Scan the material below for the string "CompositionType", and copy every line where it shows up.

*** Opening of DATA RECORDS ***

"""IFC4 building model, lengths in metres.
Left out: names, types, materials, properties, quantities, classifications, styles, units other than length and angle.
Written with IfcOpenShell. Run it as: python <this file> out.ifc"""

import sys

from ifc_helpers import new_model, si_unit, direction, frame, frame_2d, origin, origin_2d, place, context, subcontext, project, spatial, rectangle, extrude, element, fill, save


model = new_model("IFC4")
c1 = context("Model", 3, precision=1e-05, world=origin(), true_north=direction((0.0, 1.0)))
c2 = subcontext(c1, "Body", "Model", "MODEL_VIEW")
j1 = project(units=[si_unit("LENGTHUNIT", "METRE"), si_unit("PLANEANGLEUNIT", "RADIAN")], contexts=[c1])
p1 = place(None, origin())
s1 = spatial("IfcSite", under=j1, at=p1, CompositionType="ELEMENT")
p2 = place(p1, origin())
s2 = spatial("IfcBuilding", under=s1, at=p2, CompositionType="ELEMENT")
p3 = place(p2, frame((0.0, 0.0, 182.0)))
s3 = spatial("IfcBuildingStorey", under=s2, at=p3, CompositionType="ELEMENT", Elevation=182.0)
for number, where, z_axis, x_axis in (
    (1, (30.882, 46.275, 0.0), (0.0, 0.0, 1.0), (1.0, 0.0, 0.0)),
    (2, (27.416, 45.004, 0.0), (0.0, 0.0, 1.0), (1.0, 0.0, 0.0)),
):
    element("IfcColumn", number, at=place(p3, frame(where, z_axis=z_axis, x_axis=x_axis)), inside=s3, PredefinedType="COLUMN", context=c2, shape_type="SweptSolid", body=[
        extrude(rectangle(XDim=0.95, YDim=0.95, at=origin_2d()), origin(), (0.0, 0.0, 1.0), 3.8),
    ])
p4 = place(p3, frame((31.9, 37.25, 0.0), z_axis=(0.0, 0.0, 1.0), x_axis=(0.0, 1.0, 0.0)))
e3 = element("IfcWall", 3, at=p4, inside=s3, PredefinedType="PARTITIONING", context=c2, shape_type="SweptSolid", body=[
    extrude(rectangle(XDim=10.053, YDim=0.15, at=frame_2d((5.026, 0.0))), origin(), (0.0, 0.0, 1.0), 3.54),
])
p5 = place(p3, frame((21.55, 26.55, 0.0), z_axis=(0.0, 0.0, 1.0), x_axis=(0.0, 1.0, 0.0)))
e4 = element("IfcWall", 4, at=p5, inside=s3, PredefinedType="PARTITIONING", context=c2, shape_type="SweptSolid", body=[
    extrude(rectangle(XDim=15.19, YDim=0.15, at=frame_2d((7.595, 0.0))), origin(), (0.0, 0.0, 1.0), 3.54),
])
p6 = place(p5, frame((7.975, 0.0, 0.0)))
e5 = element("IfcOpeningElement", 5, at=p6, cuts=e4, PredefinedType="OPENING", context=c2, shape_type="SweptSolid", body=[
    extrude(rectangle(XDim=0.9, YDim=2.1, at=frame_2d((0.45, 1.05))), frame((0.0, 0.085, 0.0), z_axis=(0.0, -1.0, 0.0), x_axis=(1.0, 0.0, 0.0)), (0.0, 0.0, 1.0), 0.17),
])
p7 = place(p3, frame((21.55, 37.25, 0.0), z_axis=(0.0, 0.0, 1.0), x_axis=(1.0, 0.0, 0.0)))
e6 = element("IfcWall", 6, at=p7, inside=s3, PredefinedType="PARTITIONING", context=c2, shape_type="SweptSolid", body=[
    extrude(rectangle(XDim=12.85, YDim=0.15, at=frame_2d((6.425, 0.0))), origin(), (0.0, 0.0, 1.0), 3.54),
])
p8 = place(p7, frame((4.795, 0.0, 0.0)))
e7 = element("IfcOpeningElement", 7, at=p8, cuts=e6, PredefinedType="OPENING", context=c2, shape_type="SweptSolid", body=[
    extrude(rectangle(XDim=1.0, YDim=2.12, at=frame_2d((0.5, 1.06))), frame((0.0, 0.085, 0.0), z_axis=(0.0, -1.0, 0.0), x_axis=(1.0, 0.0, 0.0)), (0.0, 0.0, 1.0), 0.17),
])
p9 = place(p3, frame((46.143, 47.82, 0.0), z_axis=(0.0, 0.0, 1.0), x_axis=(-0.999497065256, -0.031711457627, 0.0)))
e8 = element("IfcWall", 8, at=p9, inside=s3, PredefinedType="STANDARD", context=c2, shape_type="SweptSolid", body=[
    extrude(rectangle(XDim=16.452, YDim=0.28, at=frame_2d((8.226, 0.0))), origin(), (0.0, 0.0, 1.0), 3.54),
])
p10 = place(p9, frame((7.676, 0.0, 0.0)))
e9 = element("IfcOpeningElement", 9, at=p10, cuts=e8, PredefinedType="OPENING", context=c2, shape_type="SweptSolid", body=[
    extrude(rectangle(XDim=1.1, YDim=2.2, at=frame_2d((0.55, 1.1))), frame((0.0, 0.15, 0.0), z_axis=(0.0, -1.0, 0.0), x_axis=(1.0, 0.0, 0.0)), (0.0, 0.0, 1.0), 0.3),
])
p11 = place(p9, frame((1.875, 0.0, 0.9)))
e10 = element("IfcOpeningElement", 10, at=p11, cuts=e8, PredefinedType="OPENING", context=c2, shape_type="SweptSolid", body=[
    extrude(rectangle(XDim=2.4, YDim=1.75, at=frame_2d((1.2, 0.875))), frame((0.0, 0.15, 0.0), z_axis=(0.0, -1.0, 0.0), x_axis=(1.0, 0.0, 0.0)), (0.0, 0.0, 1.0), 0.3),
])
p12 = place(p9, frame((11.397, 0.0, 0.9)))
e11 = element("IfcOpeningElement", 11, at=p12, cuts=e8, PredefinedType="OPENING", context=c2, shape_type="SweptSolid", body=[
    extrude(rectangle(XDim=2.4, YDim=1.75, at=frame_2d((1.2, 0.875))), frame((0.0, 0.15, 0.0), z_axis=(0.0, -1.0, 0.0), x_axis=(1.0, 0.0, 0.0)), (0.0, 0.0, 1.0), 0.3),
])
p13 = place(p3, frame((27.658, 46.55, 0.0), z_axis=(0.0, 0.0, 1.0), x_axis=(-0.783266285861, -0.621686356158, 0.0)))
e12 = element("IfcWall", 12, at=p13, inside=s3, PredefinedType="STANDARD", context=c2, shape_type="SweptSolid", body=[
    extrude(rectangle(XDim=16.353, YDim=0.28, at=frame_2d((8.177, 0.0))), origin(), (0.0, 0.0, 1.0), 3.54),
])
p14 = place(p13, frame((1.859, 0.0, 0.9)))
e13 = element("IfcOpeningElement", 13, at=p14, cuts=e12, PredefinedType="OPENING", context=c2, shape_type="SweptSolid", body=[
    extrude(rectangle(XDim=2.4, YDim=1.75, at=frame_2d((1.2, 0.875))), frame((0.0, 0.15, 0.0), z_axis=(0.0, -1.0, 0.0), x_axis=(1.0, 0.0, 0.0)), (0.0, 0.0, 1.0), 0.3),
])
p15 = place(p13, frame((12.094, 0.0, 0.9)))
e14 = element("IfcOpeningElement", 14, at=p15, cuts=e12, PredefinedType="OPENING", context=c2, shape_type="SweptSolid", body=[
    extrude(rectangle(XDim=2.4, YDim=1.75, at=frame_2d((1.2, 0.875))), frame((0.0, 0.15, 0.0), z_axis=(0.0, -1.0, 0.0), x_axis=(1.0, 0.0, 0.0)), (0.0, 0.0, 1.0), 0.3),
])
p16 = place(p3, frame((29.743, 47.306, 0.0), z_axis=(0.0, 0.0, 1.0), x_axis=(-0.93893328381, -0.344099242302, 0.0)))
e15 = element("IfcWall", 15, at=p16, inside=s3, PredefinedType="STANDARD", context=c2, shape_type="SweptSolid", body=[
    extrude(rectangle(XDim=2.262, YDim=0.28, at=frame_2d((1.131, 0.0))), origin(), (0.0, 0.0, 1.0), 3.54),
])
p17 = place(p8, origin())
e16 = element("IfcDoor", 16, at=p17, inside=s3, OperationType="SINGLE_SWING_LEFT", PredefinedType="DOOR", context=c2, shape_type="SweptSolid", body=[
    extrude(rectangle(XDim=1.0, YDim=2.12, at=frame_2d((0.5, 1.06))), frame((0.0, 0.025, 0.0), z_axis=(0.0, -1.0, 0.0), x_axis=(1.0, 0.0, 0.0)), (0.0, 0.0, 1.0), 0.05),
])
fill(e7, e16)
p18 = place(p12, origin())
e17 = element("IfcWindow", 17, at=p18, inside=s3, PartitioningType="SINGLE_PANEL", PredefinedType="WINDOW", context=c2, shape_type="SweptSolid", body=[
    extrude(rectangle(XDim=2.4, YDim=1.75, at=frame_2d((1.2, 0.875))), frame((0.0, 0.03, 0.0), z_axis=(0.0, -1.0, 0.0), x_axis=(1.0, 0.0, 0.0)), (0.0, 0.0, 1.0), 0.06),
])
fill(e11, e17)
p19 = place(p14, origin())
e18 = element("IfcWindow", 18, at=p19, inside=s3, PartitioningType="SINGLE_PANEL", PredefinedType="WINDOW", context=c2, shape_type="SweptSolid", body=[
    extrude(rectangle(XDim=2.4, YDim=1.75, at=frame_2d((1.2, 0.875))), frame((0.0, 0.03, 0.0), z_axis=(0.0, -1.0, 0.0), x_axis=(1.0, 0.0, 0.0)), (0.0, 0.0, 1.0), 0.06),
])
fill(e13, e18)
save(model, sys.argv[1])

*** Close of DATA RECORDS ***

- _ANSWER BOX_
s1 = spatial("IfcSite", under=j1, at=p1, CompositionType="ELEMENT")
s2 = spatial("IfcBuilding", under=s1, at=p2, CompositionType="ELEMENT")
s3 = spatial("IfcBuildingStorey", under=s2, at=p3, CompositionType="ELEMENT", Elevation=182.0)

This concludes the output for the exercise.